Aim of the exercise -> Each entry should be restated word for word, with all pictures left out.

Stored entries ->
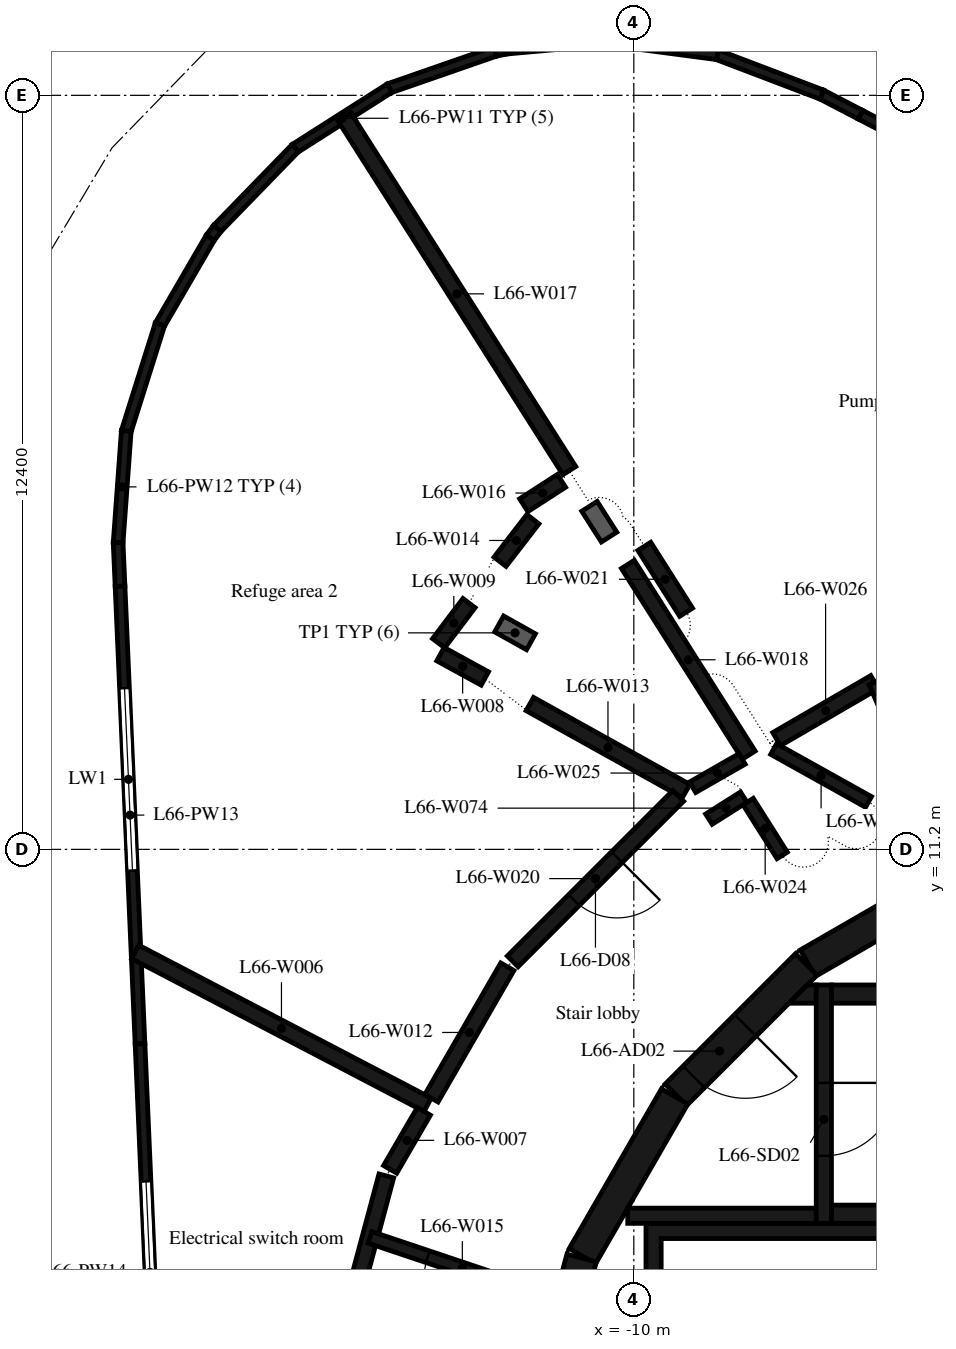
"""IFC4 building model, lengths in metres.
Left out: names, types, materials, properties, quantities, classifications, styles, units other than length and angle.
Written with IfcOpenShell. Run it as: python <this file> out.ifc"""

import sys

from ifc_helpers import new_model, si_unit, direction, frame, frame_2d, origin, place, context, subcontext, project, spatial, polyline, rectangle, outline, extrude, element, fill, save


model = new_model("IFC4")
c1 = context("Model", 3, precision=1e-05, world=origin(), true_north=direction((0.0, 1.0)))
c2 = subcontext(c1, "Body", "Model", "MODEL_VIEW")
j1 = project(units=[si_unit("LENGTHUNIT", "METRE"), si_unit("PLANEANGLEUNIT", "RADIAN")], contexts=[c1])
p1 = place(None, origin())
s1 = spatial("IfcSite", under=j1, at=p1, CompositionType="ELEMENT")
p2 = place(p1, origin())
s2 = spatial("IfcBuilding", under=s1, at=p2, CompositionType="ELEMENT")
p3 = place(p2, frame((0.0, 0.0, 258.2)))
s3 = spatial("IfcBuildingStorey", under=s2, at=p3, CompositionType="ELEMENT", Elevation=258.2)
p4 = place(p3, frame((0.406, 19.805, 0.0), z_axis=(0.0, 0.0, 1.0), x_axis=(-0.88700649569, 0.461756945377, 0.0)))
e1 = element("IfcWall", 1, at=p4, inside=s3, PredefinedType="STANDARD", context=c2, shape_type="SweptSolid", body=[
    extrude(rectangle(XDim=7.53, YDim=0.16, at=frame_2d((3.765, 0.0))), origin(), (0.0, 0.0, 1.0), 4.75),
])
p5 = place(p4, frame((5.598, 0.0, 1.0)))
e2 = element("IfcOpeningElement", 2, at=p5, cuts=e1, PredefinedType="OPENING", context=c2, shape_type="SweptSolid", body=[
    extrude(rectangle(XDim=1.2, YDim=2.2, at=frame_2d((0.6, 1.1))), frame((0.0, 0.09, 0.0), z_axis=(0.0, -1.0, 0.0), x_axis=(1.0, 0.0, 0.0)), (0.0, 0.0, 1.0), 0.18),
])
p6 = place(p3, frame((-6.274, 23.282, 0.0), z_axis=(0.0, 0.0, 1.0), x_axis=(-0.887061476856, 0.461651314607, 0.0)))
e3 = element("IfcWall", 3, at=p6, inside=s3, PredefinedType="STANDARD", context=c2, shape_type="SweptSolid", body=[
    extrude(rectangle(XDim=0.721, YDim=0.16, at=frame_2d((0.36, 0.0))), origin(), (0.0, 0.0, 1.0), 4.75),
])
p7 = place(p3, frame((-6.909, 23.613, 0.0), z_axis=(0.0, 0.0, 1.0), x_axis=(-0.934628033196, 0.355626826272, 0.0)))
e4 = element("IfcWall", 4, at=p7, inside=s3, PredefinedType="STANDARD", context=c2, shape_type="SweptSolid", body=[
    extrude(rectangle(XDim=1.846, YDim=0.16, at=frame_2d((0.923, 0.0))), origin(), (0.0, 0.0, 1.0), 4.75),
])
p8 = place(p3, frame((-8.625, 24.267, 0.0), z_axis=(0.0, 0.0, 1.0), x_axis=(-0.991428647281, 0.130649291427, 0.0)))
e5 = element("IfcWall", 5, at=p8, inside=s3, PredefinedType="STANDARD", context=c2, shape_type="SweptSolid", body=[
    extrude(rectangle(XDim=1.848, YDim=0.16, at=frame_2d((0.924, 0.0))), origin(), (0.0, 0.0, 1.0), 4.75),
])
p9 = place(p3, frame((-10.448, 24.508, 0.0), z_axis=(0.0, 0.0, 1.0), x_axis=(-0.995950985293, -0.089897913736, 0.0)))
e6 = element("IfcWall", 6, at=p9, inside=s3, PredefinedType="STANDARD", context=c2, shape_type="SweptSolid", body=[
    extrude(rectangle(XDim=1.656, YDim=0.16, at=frame_2d((0.828, 0.0))), origin(), (0.0, 0.0, 1.0), 4.75),
])
p10 = place(p3, frame((-12.098, 24.359, 0.0), z_axis=(0.0, 0.0, 1.0), x_axis=(-0.978969744076, -0.204005490574, 0.0)))
e7 = element("IfcWall", 7, at=p10, inside=s3, PredefinedType="STANDARD", context=c2, shape_type="SweptSolid", body=[
    extrude(rectangle(XDim=0.19, YDim=0.16, at=frame_2d((0.095, 0.0))), origin(), (0.0, 0.0, 1.0), 4.75),
])
p11 = place(p3, frame((-12.28, 24.322, 0.0), z_axis=(0.0, 0.0, 1.0), x_axis=(-0.944559218064, -0.328341108561, 0.0)))
e8 = element("IfcWall", 8, at=p11, inside=s3, PredefinedType="STANDARD", context=c2, shape_type="SweptSolid", body=[
    extrude(rectangle(XDim=1.846, YDim=0.16, at=frame_2d((0.923, 0.0))), origin(), (0.0, 0.0, 1.0), 4.75),
])
p12 = place(p3, frame((-14.015, 23.719, 0.0), z_axis=(0.0, 0.0, 1.0), x_axis=(-0.843373106488, -0.537328394236, 0.0)))
e9 = element("IfcWall", 9, at=p12, inside=s3, PredefinedType="STANDARD", context=c2, shape_type="SweptSolid", body=[
    extrude(rectangle(XDim=1.848, YDim=0.16, at=frame_2d((0.924, 0.0))), origin(), (0.0, 0.0, 1.0), 4.75),
])
p13 = place(p3, frame((-15.567, 22.732, 0.0), z_axis=(0.0, 0.0, 1.0), x_axis=(-0.696715693366, -0.71734736538, 0.0)))
e10 = element("IfcWall", 10, at=p13, inside=s3, PredefinedType="STANDARD", context=c2, shape_type="SweptSolid", body=[
    extrude(rectangle(XDim=1.846, YDim=0.16, at=frame_2d((0.923, 0.0))), origin(), (0.0, 0.0, 1.0), 4.75),
])
p14 = place(p3, frame((-16.85, 21.412, 0.0), z_axis=(0.0, 0.0, 1.0), x_axis=(-0.599178539895, -0.800615436605, 0.0)))
e11 = element("IfcWall", 11, at=p14, inside=s3, PredefinedType="STANDARD", context=c2, shape_type="SweptSolid", body=[
    extrude(rectangle(XDim=0.19, YDim=0.16, at=frame_2d((0.095, 0.0))), origin(), (0.0, 0.0, 1.0), 4.75),
])
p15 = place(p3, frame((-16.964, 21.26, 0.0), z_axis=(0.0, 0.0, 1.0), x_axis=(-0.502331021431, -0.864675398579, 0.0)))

Answer to this exercise ->
"""IFC4 building model, lengths in metres.
Left out: names, types, materials, properties, quantities, classifications, styles, units other than length and angle.
Written with IfcOpenShell. Run it as: python <this file> out.ifc"""

import sys

from ifc_helpers import new_model, si_unit, direction, frame, frame_2d, origin, place, context, subcontext, project, spatial, polyline, rectangle, outline, extrude, element, fill, save


model = new_model("IFC4")
c1 = context("Model", 3, precision=1e-05, world=origin(), true_north=direction((0.0, 1.0)))
c2 = subcontext(c1, "Body", "Model", "MODEL_VIEW")
j1 = project(units=[si_unit("LENGTHUNIT", "METRE"), si_unit("PLANEANGLEUNIT", "RADIAN")], contexts=[c1])
p1 = place(None, origin())
s1 = spatial("IfcSite", under=j1, at=p1, CompositionType="ELEMENT")
p2 = place(p1, origin())
s2 = spatial("IfcBuilding", under=s1, at=p2, CompositionType="ELEMENT")
p3 = place(p2, frame((0.0, 0.0, 258.2)))
s3 = spatial("IfcBuildingStorey", under=s2, at=p3, CompositionType="ELEMENT", Elevation=258.2)
p4 = place(p3, frame((0.406, 19.805, 0.0), z_axis=(0.0, 0.0, 1.0), x_axis=(-0.88700649569, 0.461756945377, 0.0)))
e1 = element("IfcWall", 1, at=p4, inside=s3, PredefinedType="STANDARD", context=c2, shape_type="SweptSolid", body=[
    extrude(rectangle(XDim=7.53, YDim=0.16, at=frame_2d((3.765, 0.0))), origin(), (0.0, 0.0, 1.0), 4.75),
])
p5 = place(p4, frame((5.598, 0.0, 1.0)))
e2 = element("IfcOpeningElement", 2, at=p5, cuts=e1, PredefinedType="OPENING", context=c2, shape_type="SweptSolid", body=[
    extrude(rectangle(XDim=1.2, YDim=2.2, at=frame_2d((0.6, 1.1))), frame((0.0, 0.09, 0.0), z_axis=(0.0, -1.0, 0.0), x_axis=(1.0, 0.0, 0.0)), (0.0, 0.0, 1.0), 0.18),
])
p6 = place(p3, frame((-6.274, 23.282, 0.0), z_axis=(0.0, 0.0, 1.0), x_axis=(-0.887061476856, 0.461651314607, 0.0)))
e3 = element("IfcWall", 3, at=p6, inside=s3, PredefinedType="STANDARD", context=c2, shape_type="SweptSolid", body=[
    extrude(rectangle(XDim=0.721, YDim=0.16, at=frame_2d((0.36, 0.0))), origin(), (0.0, 0.0, 1.0), 4.75),
])
p7 = place(p3, frame((-6.909, 23.613, 0.0), z_axis=(0.0, 0.0, 1.0), x_axis=(-0.934628033196, 0.355626826272, 0.0)))
e4 = element("IfcWall", 4, at=p7, inside=s3, PredefinedType="STANDARD", context=c2, shape_type="SweptSolid", body=[
    extrude(rectangle(XDim=1.846, YDim=0.16, at=frame_2d((0.923, 0.0))), origin(), (0.0, 0.0, 1.0), 4.75),
])
p8 = place(p3, frame((-8.625, 24.267, 0.0), z_axis=(0.0, 0.0, 1.0), x_axis=(-0.991428647281, 0.130649291427, 0.0)))
e5 = element("IfcWall", 5, at=p8, inside=s3, PredefinedType="STANDARD", context=c2, shape_type="SweptSolid", body=[
    extrude(rectangle(XDim=1.848, YDim=0.16, at=frame_2d((0.924, 0.0))), origin(), (0.0, 0.0, 1.0), 4.75),
])
p9 = place(p3, frame((-10.448, 24.508, 0.0), z_axis=(0.0, 0.0, 1.0), x_axis=(-0.995950985293, -0.089897913736, 0.0)))
e6 = element("IfcWall", 6, at=p9, inside=s3, PredefinedType="STANDARD", context=c2, shape_type="SweptSolid", body=[
    extrude(rectangle(XDim=1.656, YDim=0.16, at=frame_2d((0.828, 0.0))), origin(), (0.0, 0.0, 1.0), 4.75),
])
p10 = place(p3, frame((-12.098, 24.359, 0.0), z_axis=(0.0, 0.0, 1.0), x_axis=(-0.978969744076, -0.204005490574, 0.0)))
e7 = element("IfcWall", 7, at=p10, inside=s3, PredefinedType="STANDARD", context=c2, shape_type="SweptSolid", body=[
    extrude(rectangle(XDim=0.19, YDim=0.16, at=frame_2d((0.095, 0.0))), origin(), (0.0, 0.0, 1.0), 4.75),
])
p11 = place(p3, frame((-12.28, 24.322, 0.0), z_axis=(0.0, 0.0, 1.0), x_axis=(-0.944559218064, -0.328341108561, 0.0)))
e8 = element("IfcWall", 8, at=p11, inside=s3, PredefinedType="STANDARD", context=c2, shape_type="SweptSolid", body=[
    extrude(rectangle(XDim=1.846, YDim=0.16, at=frame_2d((0.923, 0.0))), origin(), (0.0, 0.0, 1.0), 4.75),
])
p12 = place(p3, frame((-14.015, 23.719, 0.0), z_axis=(0.0, 0.0, 1.0), x_axis=(-0.843373106488, -0.537328394236, 0.0)))
e9 = element("IfcWall", 9, at=p12, inside=s3, PredefinedType="STANDARD", context=c2, shape_type="SweptSolid", body=[
    extrude(rectangle(XDim=1.848, YDim=0.16, at=frame_2d((0.924, 0.0))), origin(), (0.0, 0.0, 1.0), 4.75),
])
p13 = place(p3, frame((-15.567, 22.732, 0.0), z_axis=(0.0, 0.0, 1.0), x_axis=(-0.696715693366, -0.71734736538, 0.0)))
e10 = element("IfcWall", 10, at=p13, inside=s3, PredefinedType="STANDARD", context=c2, shape_type="SweptSolid", body=[
    extrude(rectangle(XDim=1.846, YDim=0.16, at=frame_2d((0.923, 0.0))), origin(), (0.0, 0.0, 1.0), 4.75),
])
p14 = place(p3, frame((-16.85, 21.412, 0.0), z_axis=(0.0, 0.0, 1.0), x_axis=(-0.599178539895, -0.800615436605, 0.0)))
e11 = element("IfcWall", 11, at=p14, inside=s3, PredefinedType="STANDARD", context=c2, shape_type="SweptSolid", body=[
    extrude(rectangle(XDim=0.19, YDim=0.16, at=frame_2d((0.095, 0.0))), origin(), (0.0, 0.0, 1.0), 4.75),
])
p15 = place(p3, frame((-16.964, 21.26, 0.0), z_axis=(0.0, 0.0, 1.0), x_axis=(-0.502331021431, -0.864675398579, 0.0)))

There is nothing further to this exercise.